(Data excerpts)
%%
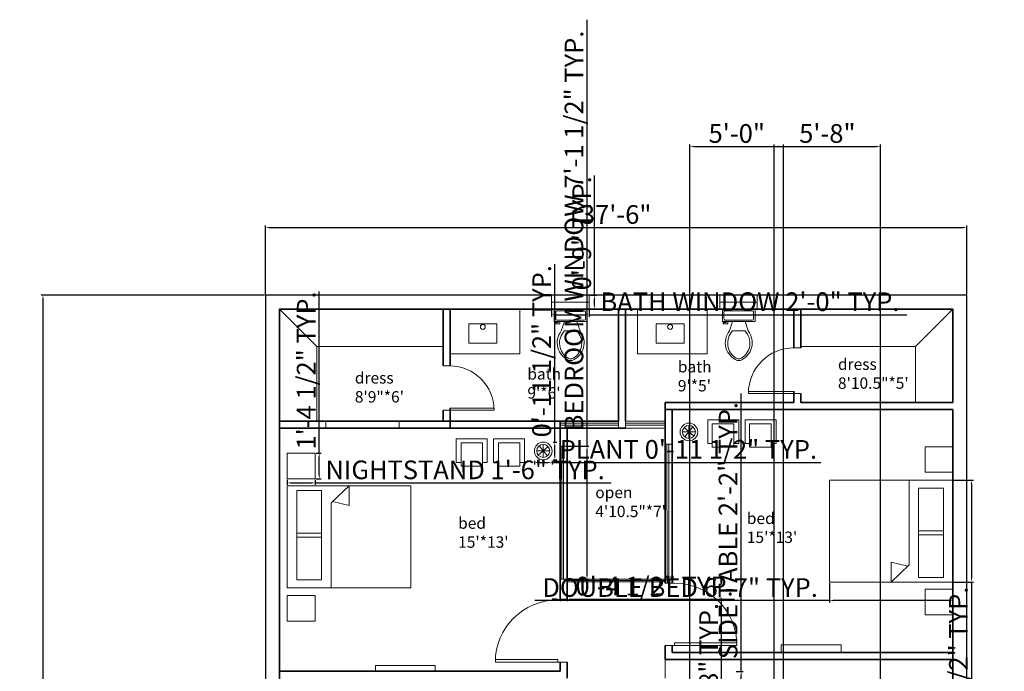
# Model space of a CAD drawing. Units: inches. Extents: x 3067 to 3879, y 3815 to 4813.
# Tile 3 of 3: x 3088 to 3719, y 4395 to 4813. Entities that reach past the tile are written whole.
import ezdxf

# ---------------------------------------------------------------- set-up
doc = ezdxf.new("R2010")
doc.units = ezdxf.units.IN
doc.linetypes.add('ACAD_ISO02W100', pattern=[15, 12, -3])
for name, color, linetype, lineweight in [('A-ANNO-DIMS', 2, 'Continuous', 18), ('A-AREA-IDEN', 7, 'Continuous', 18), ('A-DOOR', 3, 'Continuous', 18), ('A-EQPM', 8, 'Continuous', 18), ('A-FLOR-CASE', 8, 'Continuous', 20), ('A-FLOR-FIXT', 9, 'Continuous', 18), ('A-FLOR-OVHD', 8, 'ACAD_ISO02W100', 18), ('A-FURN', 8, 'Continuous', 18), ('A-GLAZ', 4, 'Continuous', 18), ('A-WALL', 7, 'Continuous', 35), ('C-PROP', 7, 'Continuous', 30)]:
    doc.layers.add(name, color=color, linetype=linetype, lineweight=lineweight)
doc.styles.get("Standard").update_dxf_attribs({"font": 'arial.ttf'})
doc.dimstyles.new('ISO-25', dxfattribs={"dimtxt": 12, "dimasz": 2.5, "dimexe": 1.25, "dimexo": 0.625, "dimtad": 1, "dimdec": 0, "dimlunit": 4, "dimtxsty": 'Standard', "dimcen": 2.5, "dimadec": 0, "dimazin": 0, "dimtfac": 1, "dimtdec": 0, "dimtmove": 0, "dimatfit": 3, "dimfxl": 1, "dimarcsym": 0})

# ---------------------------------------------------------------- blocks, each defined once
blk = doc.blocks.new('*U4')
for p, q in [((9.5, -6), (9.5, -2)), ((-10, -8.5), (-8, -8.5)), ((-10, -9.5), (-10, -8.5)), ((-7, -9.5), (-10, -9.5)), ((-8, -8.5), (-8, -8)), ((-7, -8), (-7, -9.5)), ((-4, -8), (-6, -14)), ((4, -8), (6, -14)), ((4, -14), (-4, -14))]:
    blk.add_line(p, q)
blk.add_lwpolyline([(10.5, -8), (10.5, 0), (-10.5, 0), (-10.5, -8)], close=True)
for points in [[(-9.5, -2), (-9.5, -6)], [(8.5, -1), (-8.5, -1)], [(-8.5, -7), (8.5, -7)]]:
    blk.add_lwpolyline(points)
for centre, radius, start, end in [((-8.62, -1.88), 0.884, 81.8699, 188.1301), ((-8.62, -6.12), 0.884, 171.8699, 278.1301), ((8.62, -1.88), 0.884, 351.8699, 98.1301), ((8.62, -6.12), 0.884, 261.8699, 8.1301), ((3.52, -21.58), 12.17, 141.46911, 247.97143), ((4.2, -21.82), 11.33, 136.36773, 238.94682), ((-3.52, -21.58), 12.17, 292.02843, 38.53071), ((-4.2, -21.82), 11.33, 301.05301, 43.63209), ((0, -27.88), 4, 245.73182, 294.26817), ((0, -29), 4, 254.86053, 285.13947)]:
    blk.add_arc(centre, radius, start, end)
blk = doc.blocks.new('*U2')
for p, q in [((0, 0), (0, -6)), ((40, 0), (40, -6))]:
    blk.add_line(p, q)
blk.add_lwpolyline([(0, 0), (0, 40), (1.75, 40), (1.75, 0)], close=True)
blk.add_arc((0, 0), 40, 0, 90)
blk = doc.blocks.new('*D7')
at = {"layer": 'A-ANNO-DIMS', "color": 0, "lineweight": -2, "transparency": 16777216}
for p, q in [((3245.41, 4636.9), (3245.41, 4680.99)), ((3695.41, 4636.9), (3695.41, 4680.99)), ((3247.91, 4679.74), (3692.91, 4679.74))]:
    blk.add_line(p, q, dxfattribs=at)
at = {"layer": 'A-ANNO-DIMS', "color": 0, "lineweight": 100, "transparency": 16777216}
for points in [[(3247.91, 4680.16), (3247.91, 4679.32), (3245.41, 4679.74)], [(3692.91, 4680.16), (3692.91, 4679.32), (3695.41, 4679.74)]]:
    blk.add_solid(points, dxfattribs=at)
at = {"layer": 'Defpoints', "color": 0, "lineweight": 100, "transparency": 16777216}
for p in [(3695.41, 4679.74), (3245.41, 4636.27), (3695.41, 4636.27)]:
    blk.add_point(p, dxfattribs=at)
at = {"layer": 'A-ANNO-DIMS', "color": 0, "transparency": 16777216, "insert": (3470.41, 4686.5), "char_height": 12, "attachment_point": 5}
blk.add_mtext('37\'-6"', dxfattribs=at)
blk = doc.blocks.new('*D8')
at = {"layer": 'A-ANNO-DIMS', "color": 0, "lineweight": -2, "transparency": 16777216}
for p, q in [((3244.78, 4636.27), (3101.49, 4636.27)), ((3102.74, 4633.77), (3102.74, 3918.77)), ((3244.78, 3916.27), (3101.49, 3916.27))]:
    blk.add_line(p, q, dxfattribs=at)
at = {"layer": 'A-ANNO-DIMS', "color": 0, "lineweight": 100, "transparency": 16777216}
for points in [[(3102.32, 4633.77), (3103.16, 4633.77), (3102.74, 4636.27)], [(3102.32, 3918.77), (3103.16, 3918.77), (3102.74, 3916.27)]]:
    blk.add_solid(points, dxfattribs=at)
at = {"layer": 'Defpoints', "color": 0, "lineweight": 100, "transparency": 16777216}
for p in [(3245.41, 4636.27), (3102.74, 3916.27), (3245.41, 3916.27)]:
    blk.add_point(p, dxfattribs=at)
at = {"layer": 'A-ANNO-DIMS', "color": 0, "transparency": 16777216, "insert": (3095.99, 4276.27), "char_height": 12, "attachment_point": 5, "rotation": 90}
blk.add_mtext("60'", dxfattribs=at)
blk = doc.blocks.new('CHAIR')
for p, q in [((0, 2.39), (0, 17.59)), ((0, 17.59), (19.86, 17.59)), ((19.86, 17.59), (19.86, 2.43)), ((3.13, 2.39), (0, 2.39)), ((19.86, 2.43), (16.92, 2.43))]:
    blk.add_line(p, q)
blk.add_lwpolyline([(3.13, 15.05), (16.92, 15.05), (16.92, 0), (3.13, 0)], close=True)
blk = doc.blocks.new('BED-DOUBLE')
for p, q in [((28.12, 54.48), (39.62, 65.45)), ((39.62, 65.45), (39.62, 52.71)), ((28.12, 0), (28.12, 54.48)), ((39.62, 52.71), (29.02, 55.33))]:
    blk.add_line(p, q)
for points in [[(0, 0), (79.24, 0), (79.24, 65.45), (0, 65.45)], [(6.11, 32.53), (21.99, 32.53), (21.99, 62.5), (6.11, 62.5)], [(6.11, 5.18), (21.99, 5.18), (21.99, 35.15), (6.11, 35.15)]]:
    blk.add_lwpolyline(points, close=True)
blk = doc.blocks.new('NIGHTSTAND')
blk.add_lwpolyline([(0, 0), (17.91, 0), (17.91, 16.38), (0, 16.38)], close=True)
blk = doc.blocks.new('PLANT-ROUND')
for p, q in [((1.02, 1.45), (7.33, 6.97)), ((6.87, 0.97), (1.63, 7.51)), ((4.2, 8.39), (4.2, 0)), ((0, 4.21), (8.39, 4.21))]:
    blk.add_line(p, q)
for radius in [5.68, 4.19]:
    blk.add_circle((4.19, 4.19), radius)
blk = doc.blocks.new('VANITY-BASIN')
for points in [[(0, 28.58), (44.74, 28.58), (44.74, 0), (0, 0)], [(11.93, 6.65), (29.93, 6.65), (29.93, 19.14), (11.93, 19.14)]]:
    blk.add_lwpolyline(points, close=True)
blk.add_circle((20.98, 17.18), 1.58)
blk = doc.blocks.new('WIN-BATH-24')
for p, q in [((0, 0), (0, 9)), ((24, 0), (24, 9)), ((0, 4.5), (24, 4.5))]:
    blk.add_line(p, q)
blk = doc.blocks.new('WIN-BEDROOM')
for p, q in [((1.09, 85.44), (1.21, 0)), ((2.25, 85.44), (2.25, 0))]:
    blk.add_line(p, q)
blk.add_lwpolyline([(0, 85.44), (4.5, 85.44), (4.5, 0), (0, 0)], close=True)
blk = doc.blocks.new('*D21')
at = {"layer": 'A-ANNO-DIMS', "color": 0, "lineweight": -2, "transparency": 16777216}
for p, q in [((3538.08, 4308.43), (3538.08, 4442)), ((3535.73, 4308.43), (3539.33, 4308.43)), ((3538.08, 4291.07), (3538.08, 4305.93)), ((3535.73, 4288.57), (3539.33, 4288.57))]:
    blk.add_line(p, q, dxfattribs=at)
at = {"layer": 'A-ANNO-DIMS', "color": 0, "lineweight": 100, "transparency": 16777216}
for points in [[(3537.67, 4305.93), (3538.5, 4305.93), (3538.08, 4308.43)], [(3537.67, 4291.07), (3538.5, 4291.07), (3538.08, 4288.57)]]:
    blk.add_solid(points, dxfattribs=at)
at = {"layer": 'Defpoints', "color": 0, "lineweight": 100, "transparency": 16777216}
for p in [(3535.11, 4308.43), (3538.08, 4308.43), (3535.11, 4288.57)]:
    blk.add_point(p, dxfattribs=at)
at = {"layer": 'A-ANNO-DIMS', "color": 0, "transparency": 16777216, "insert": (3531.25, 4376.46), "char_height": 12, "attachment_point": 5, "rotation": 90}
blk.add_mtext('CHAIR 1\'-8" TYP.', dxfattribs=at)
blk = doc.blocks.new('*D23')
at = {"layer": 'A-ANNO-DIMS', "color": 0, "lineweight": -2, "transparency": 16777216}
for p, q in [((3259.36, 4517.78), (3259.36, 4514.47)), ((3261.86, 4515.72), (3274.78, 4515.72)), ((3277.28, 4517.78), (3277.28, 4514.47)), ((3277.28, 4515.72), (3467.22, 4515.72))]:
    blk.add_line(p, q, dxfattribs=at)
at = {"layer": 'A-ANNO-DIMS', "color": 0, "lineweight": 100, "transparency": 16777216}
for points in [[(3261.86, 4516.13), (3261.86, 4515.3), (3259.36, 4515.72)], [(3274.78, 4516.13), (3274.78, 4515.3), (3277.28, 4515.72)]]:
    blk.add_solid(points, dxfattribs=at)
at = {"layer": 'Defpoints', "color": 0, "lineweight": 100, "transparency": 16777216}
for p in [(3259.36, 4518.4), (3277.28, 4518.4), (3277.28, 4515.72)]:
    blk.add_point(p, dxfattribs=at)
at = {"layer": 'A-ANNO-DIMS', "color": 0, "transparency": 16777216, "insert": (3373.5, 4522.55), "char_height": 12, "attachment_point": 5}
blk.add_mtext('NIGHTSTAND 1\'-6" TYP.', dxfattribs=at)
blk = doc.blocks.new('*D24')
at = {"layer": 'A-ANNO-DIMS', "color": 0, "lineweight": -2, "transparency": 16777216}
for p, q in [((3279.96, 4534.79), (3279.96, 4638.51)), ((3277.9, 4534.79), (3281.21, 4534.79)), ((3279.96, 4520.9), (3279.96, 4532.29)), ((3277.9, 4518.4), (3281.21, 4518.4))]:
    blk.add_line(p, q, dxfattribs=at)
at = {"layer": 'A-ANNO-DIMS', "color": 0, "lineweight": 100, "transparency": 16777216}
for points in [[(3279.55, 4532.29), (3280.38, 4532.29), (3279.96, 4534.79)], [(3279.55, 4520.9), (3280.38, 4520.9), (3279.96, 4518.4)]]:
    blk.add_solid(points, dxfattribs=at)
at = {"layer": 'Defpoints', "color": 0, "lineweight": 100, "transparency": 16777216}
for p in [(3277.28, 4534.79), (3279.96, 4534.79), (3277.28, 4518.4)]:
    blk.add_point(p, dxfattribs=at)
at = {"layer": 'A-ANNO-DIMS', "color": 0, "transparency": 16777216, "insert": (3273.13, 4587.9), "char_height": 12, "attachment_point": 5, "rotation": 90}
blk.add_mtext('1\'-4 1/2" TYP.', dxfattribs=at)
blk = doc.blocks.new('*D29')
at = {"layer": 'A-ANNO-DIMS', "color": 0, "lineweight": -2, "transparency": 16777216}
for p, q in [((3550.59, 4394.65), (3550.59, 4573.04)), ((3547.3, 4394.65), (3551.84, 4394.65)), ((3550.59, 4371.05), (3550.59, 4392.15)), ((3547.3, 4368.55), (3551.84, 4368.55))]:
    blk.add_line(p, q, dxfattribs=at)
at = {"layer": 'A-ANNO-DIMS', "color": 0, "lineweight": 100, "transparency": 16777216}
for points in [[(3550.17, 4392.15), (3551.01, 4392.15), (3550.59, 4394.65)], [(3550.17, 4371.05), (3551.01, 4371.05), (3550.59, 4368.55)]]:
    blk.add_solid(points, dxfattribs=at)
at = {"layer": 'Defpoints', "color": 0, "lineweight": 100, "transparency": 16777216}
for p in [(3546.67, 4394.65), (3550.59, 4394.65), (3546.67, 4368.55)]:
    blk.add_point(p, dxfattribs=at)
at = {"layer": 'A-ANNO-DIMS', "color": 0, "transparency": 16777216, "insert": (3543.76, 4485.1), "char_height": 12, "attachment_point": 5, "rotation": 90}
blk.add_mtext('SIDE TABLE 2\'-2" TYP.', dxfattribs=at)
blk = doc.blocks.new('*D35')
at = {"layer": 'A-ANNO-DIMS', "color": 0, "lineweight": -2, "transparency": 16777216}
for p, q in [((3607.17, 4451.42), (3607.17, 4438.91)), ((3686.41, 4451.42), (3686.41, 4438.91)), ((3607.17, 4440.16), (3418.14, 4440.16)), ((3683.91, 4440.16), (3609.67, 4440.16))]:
%%
Goal of the exercise ▸ Would you reproduce the lines above, from the very first through the line containing "blk.add_lwpolyline(points)", exactly and without the pictures?

Problem solution ▸
# Model space of a CAD drawing. Units: inches. Extents: x 3067 to 3879, y 3815 to 4813.
# Tile 3 of 3: x 3088 to 3719, y 4395 to 4813. Entities that reach past the tile are written whole.
import ezdxf

# ---------------------------------------------------------------- set-up
doc = ezdxf.new("R2010")
doc.units = ezdxf.units.IN
doc.linetypes.add('ACAD_ISO02W100', pattern=[15, 12, -3])
for name, color, linetype, lineweight in [('A-ANNO-DIMS', 2, 'Continuous', 18), ('A-AREA-IDEN', 7, 'Continuous', 18), ('A-DOOR', 3, 'Continuous', 18), ('A-EQPM', 8, 'Continuous', 18), ('A-FLOR-CASE', 8, 'Continuous', 20), ('A-FLOR-FIXT', 9, 'Continuous', 18), ('A-FLOR-OVHD', 8, 'ACAD_ISO02W100', 18), ('A-FURN', 8, 'Continuous', 18), ('A-GLAZ', 4, 'Continuous', 18), ('A-WALL', 7, 'Continuous', 35), ('C-PROP', 7, 'Continuous', 30)]:
    doc.layers.add(name, color=color, linetype=linetype, lineweight=lineweight)
doc.styles.get("Standard").update_dxf_attribs({"font": 'arial.ttf'})
doc.dimstyles.new('ISO-25', dxfattribs={"dimtxt": 12, "dimasz": 2.5, "dimexe": 1.25, "dimexo": 0.625, "dimtad": 1, "dimdec": 0, "dimlunit": 4, "dimtxsty": 'Standard', "dimcen": 2.5, "dimadec": 0, "dimazin": 0, "dimtfac": 1, "dimtdec": 0, "dimtmove": 0, "dimatfit": 3, "dimfxl": 1, "dimarcsym": 0})

# ---------------------------------------------------------------- blocks, each defined once
blk = doc.blocks.new('*U4')
for p, q in [((9.5, -6), (9.5, -2)), ((-10, -8.5), (-8, -8.5)), ((-10, -9.5), (-10, -8.5)), ((-7, -9.5), (-10, -9.5)), ((-8, -8.5), (-8, -8)), ((-7, -8), (-7, -9.5)), ((-4, -8), (-6, -14)), ((4, -8), (6, -14)), ((4, -14), (-4, -14))]:
    blk.add_line(p, q)
blk.add_lwpolyline([(10.5, -8), (10.5, 0), (-10.5, 0), (-10.5, -8)], close=True)
for points in [[(-9.5, -2), (-9.5, -6)], [(8.5, -1), (-8.5, -1)], [(-8.5, -7), (8.5, -7)]]:
    blk.add_lwpolyline(points)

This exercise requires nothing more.